- _Input data_
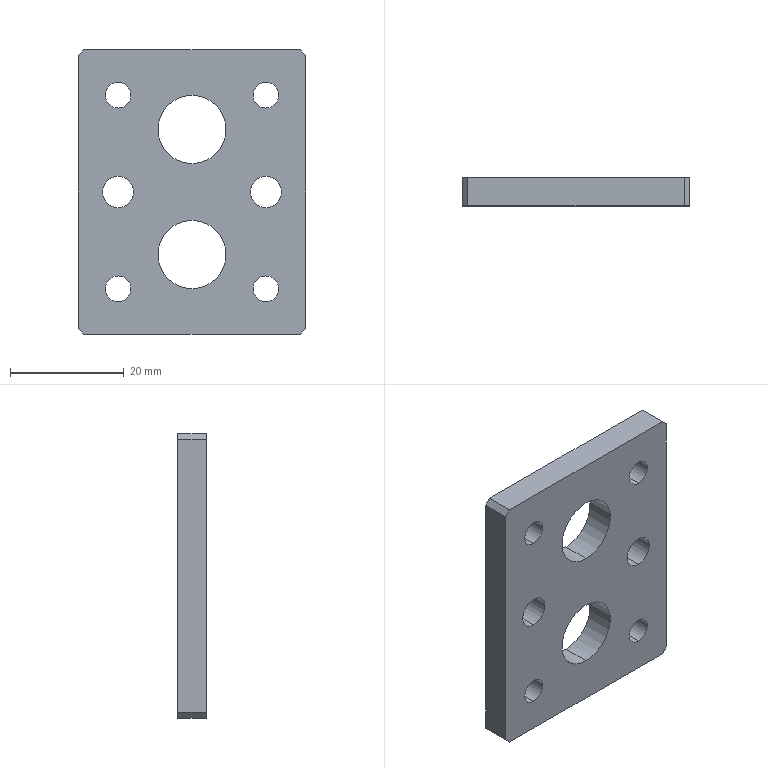Component | SolidWorks | DZ.KX.203-TC1505-30-09-01-05-08-1 | 1 solid | 26 faces | box 40 x 5 x 50 mm | volume 8303 mm3 | cylinder 16 | plane 10 | commonest cylinder face diameters 4.5 x8 5.5 x4 12 x4
build123d program:
from build123d import *

# Parameters (mm, degrees)
SKETCH1_W                  = 50
SKETCH1_H                  = 40
BOSS_EXTRUDE1_DEPTH        = 5
F_4_5_4_5_DIAMETER_HOLE1_D = 4.5
F_12_0_12_DIAMETER_HOLE1_D = 12
CHAMFER2_SIZE              = 1
F_5_5_5_5_DIAMETER_HOLE1_D = 5.5


with BuildPart() as part:
    # Sketch1 → Boss-Extrude1 (new body)
    with BuildSketch(Plane(origin=(0, 0, 0), x_dir=(0, 0, -1), z_dir=(1, 0, 0))):
        Rectangle(SKETCH1_W, SKETCH1_H)
    extrude(amount=BOSS_EXTRUDE1_DEPTH)

    # 4.5 _4.5_ Diameter Hole1 (through all)
    with Locations(Plane.ZY):
        with Locations((-17, 13), (17, 13), (17, -13), (-17, -13)):
            Hole(F_4_5_4_5_DIAMETER_HOLE1_D / 2)

    # 12.0 _12_ Diameter Hole1 (through all)
    with Locations(Plane.ZY):
        with Locations((-11, 0), (11, 0)):
            Hole(F_12_0_12_DIAMETER_HOLE1_D / 2)

    # Chamfer2
    chamfer2_edges = [part.edges().sort_by_distance(p)[0] for p in [
        (2.5, 20, 25),
        (2.5, 20, -25),
        (2.5, -20, -25),
        (2.5, -20, 25),
    ]]
    chamfer(chamfer2_edges, length=CHAMFER2_SIZE)

    # 5.5 _5.5_ Diameter Hole1 (through all)
    with Locations(Plane.ZY):
        with Locations((0, 13), (0, -13)):
            Hole(F_5_5_5_5_DIAMETER_HOLE1_D / 2)


solid = part.part

# Placed as in the assembly
solid = solid.moved(Location((294.5, -650.807, -11.94), (0, 0, 90)))
STEP:
#1=COLOUR_RGB('',0.7922,0.8196,0.9333);
#2=FILL_AREA_STYLE_COLOUR('',#1);
#3=FILL_AREA_STYLE('',(#2));
#4=SURFACE_STYLE_FILL_AREA(#3);
#5=SURFACE_SIDE_STYLE('',(#4));
#6=SURFACE_STYLE_USAGE(.BOTH.,#5);
#7=PRESENTATION_STYLE_ASSIGNMENT((#6));
#8=CARTESIAN_POINT('',(11.083,-25.425,-0.5784));
#9=VERTEX_POINT('',#8);
#10=CARTESIAN_POINT('',(11.083,-25.425,-0.3618));
#11=VERTEX_POINT('',#10);
#12=CARTESIAN_POINT('',(11.083,-25.425,-0.4701));
#13=DIRECTION('',(0.,-1.,-0.));
#14=DIRECTION('',(0.,0.,1.));
#15=AXIS2_PLACEMENT_3D('',#12,#13,#14);
#16=CIRCLE('',#15,0.1083);
#17=EDGE_CURVE('',#9,#11,#16,.T.);
#18=ORIENTED_EDGE('',*,*,#17,.F.);
#19=CARTESIAN_POINT('',(11.083,-25.622,-0.5784));
#20=VERTEX_POINT('',#19);
#21=CARTESIAN_POINT('',(11.083,-25.622,-0.5784));
#22=DIRECTION('',(0.,-1.,-0.));
#23=VECTOR('',#22,39.37);
#24=LINE('',#21,#23);
#25=EDGE_CURVE('',#9,#20,#24,.T.);
#26=ORIENTED_EDGE('',*,*,#25,.T.);
#27=CARTESIAN_POINT('',(11.083,-25.622,-0.3618));
#28=VERTEX_POINT('',#27);
#29=CARTESIAN_POINT('',(11.083,-25.622,-0.4701));
#30=DIRECTION('',(0.,-1.,-0.));
#31=DIRECTION('',(0.,0.,1.));
#32=AXIS2_PLACEMENT_3D('',#29,#30,#31);
#33=CIRCLE('',#32,0.1083);
#34=EDGE_CURVE('',#20,#28,#33,.T.);
#35=ORIENTED_EDGE('',*,*,#34,.T.);
#36=CARTESIAN_POINT('',(11.083,-25.622,-0.3618));
#37=DIRECTION('',(0.,-1.,-0.));
#38=VECTOR('',#37,39.37);
#39=LINE('',#36,#38);
#40=EDGE_CURVE('',#11,#28,#39,.T.);
#41=ORIENTED_EDGE('',*,*,#40,.F.);
#42=EDGE_LOOP('',(#18,#26,#35,#41));
#43=FACE_OUTER_BOUND('',#42,.T.);
#44=CARTESIAN_POINT('',(11.083,-25.622,-0.4701));
#45=DIRECTION('',(0.,-1.,-0.));
#46=DIRECTION('',(0.,0.,1.));
#47=AXIS2_PLACEMENT_3D('',#44,#45,#46);
#48=CYLINDRICAL_SURFACE('',#47,0.1083);
#49=ADVANCED_FACE('',(#43),#48,.F.);
#50=CARTESIAN_POINT('',(12.106,-25.425,-0.5784));
#51=VERTEX_POINT('',#50);
#52=CARTESIAN_POINT('',(12.106,-25.425,-0.3618));
#53=VERTEX_POINT('',#52);
#54=CARTESIAN_POINT('',(12.106,-25.425,-0.4701));
#55=DIRECTION('',(0.,-1.,-0.));
#56=DIRECTION('',(0.,0.,1.));
#57=AXIS2_PLACEMENT_3D('',#54,#55,#56);
#58=CIRCLE('',#57,0.1083);
#59=EDGE_CURVE('',#51,#53,#58,.T.);
#60=ORIENTED_EDGE('',*,*,#59,.F.);
#61=CARTESIAN_POINT('',(12.106,-25.622,-0.5784));
#62=VERTEX_POINT('',#61);
#63=CARTESIAN_POINT('',(12.106,-25.622,-0.5784));
#64=DIRECTION('',(0.,-1.,-0.));
#65=VECTOR('',#64,39.37);
#66=LINE('',#63,#65);
#67=EDGE_CURVE('',#51,#62,#66,.T.);
#68=ORIENTED_EDGE('',*,*,#67,.T.);
#69=CARTESIAN_POINT('',(12.106,-25.622,-0.3618));
#70=VERTEX_POINT('',#69);
#71=CARTESIAN_POINT('',(12.106,-25.622,-0.4701));
#72=DIRECTION('',(0.,-1.,-0.));
#73=DIRECTION('',(0.,0.,1.));
#74=AXIS2_PLACEMENT_3D('',#71,#72,#73);
#75=CIRCLE('',#74,0.1083);
#76=EDGE_CURVE('',#62,#70,#75,.T.);
#77=ORIENTED_EDGE('',*,*,#76,.T.);
#78=CARTESIAN_POINT('',(12.106,-25.622,-0.3618));
#79=DIRECTION('',(0.,-1.,-0.));
#80=VECTOR('',#79,39.37);
#81=LINE('',#78,#80);
#82=EDGE_CURVE('',#53,#70,#81,.T.);
#83=ORIENTED_EDGE('',*,*,#82,.F.);
#84=EDGE_LOOP('',(#60,#68,#77,#83));
#85=FACE_OUTER_BOUND('',#84,.T.);
#86=CARTESIAN_POINT('',(12.106,-25.622,-0.4701));
#87=DIRECTION('',(0.,-1.,-0.));
#88=DIRECTION('',(0.,0.,1.));
#89=AXIS2_PLACEMENT_3D('',#86,#87,#88);
#90=CYLINDRICAL_SURFACE('',#89,0.1083);
#91=ADVANCED_FACE('',(#85),#90,.F.);
#92=CARTESIAN_POINT('',(11.594,-25.425,-1.139));
#93=VERTEX_POINT('',#92);
#94=CARTESIAN_POINT('',(11.594,-25.425,-0.6669));
#95=VERTEX_POINT('',#94);
#96=CARTESIAN_POINT('',(11.594,-25.425,-0.9032));
#97=DIRECTION('',(0.,-1.,-0.));
#98=DIRECTION('',(0.,0.,1.));
#99=AXIS2_PLACEMENT_3D('',#96,#97,#98);
#100=CIRCLE('',#99,0.2362);
#101=EDGE_CURVE('',#93,#95,#100,.T.);
#102=ORIENTED_EDGE('',*,*,#101,.F.);
#103=CARTESIAN_POINT('',(11.594,-25.622,-1.139));
#104=VERTEX_POINT('',#103);
#105=CARTESIAN_POINT('',(11.594,-25.622,-1.139));
#106=DIRECTION('',(0.,-1.,-0.));
#107=VECTOR('',#106,39.37);
#108=LINE('',#105,#107);
#109=EDGE_CURVE('',#93,#104,#108,.T.);
#110=ORIENTED_EDGE('',*,*,#109,.T.);
#111=CARTESIAN_POINT('',(11.594,-25.622,-0.6669));
#112=VERTEX_POINT('',#111);
#113=CARTESIAN_POINT('',(11.594,-25.622,-0.9032));
#114=DIRECTION('',(0.,-1.,-0.));
#115=DIRECTION('',(0.,0.,1.));
#116=AXIS2_PLACEMENT_3D('',#113,#114,#115);
#117=CIRCLE('',#116,0.2362);
#118=EDGE_CURVE('',#104,#112,#117,.T.);
#119=ORIENTED_EDGE('',*,*,#118,.T.);
#120=CARTESIAN_POINT('',(11.594,-25.622,-0.6669));
#121=DIRECTION('',(0.,-1.,-0.));
#122=VECTOR('',#121,39.37);
#123=LINE('',#120,#122);
#124=EDGE_CURVE('',#95,#112,#123,.T.);
#125=ORIENTED_EDGE('',*,*,#124,.F.);
#126=EDGE_LOOP('',(#102,#110,#119,#125));
#127=FACE_OUTER_BOUND('',#126,.T.);
#128=CARTESIAN_POINT('',(11.594,-25.622,-0.9032));
#129=DIRECTION('',(0.,-1.,-0.));
#130=DIRECTION('',(0.,0.,1.));
#131=AXIS2_PLACEMENT_3D('',#128,#129,#130);
#132=CYLINDRICAL_SURFACE('',#131,0.2362);
#133=ADVANCED_FACE('',(#127),#132,.F.);
#134=CARTESIAN_POINT('',(11.594,-25.425,-0.2732));
#135=VERTEX_POINT('',#134);
#136=CARTESIAN_POINT('',(11.594,-25.425,0.1992));
#137=VERTEX_POINT('',#136);
#138=CARTESIAN_POINT('',(11.594,-25.425,-0.03703));
#139=DIRECTION('',(0.,-1.,-0.));
#140=DIRECTION('',(0.,0.,1.));
#141=AXIS2_PLACEMENT_3D('',#138,#139,#140);
#142=CIRCLE('',#141,0.2362);
#143=EDGE_CURVE('',#135,#137,#142,.T.);
#144=ORIENTED_EDGE('',*,*,#143,.F.);
#145=CARTESIAN_POINT('',(11.594,-25.622,-0.2732));
#146=VERTEX_POINT('',#145);
#147=CARTESIAN_POINT('',(11.594,-25.622,-0.2732));
#148=DIRECTION('',(0.,-1.,-0.));
#149=VECTOR('',#148,39.37);
#150=LINE('',#147,#149);
#151=EDGE_CURVE('',#135,#146,#150,.T.);
#152=ORIENTED_EDGE('',*,*,#151,.T.);
#153=CARTESIAN_POINT('',(11.594,-25.622,0.1992));
#154=VERTEX_POINT('',#153);
#155=CARTESIAN_POINT('',(11.594,-25.622,-0.03703));
#156=DIRECTION('',(0.,-1.,-0.));
#157=DIRECTION('',(0.,0.,1.));
#158=AXIS2_PLACEMENT_3D('',#155,#156,#157);
#159=CIRCLE('',#158,0.2362);
#160=EDGE_CURVE('',#146,#154,#159,.T.);
#161=ORIENTED_EDGE('',*,*,#160,.T.);
#162=CARTESIAN_POINT('',(11.594,-25.622,0.1992));
#163=DIRECTION('',(0.,-1.,-0.));
#164=VECTOR('',#163,39.37);
#165=LINE('',#162,#164);
#166=EDGE_CURVE('',#137,#154,#165,.T.);
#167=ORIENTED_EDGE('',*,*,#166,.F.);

- _Work to complete_
Could you set down, word for word, only the lines above from the line with "#50=CARTESIAN_POINT('',(12.106,-25.425,-0.5784));" to the line with "#62=VERTEX_POINT('',#61);", including both?

- _Exercise solution_
#50=CARTESIAN_POINT('',(12.106,-25.425,-0.5784));
#51=VERTEX_POINT('',#50);
#52=CARTESIAN_POINT('',(12.106,-25.425,-0.3618));
#53=VERTEX_POINT('',#52);
#54=CARTESIAN_POINT('',(12.106,-25.425,-0.4701));
#55=DIRECTION('',(0.,-1.,-0.));
#56=DIRECTION('',(0.,0.,1.));
#57=AXIS2_PLACEMENT_3D('',#54,#55,#56);
#58=CIRCLE('',#57,0.1083);
#59=EDGE_CURVE('',#51,#53,#58,.T.);
#60=ORIENTED_EDGE('',*,*,#59,.F.);
#61=CARTESIAN_POINT('',(12.106,-25.622,-0.5784));
#62=VERTEX_POINT('',#61);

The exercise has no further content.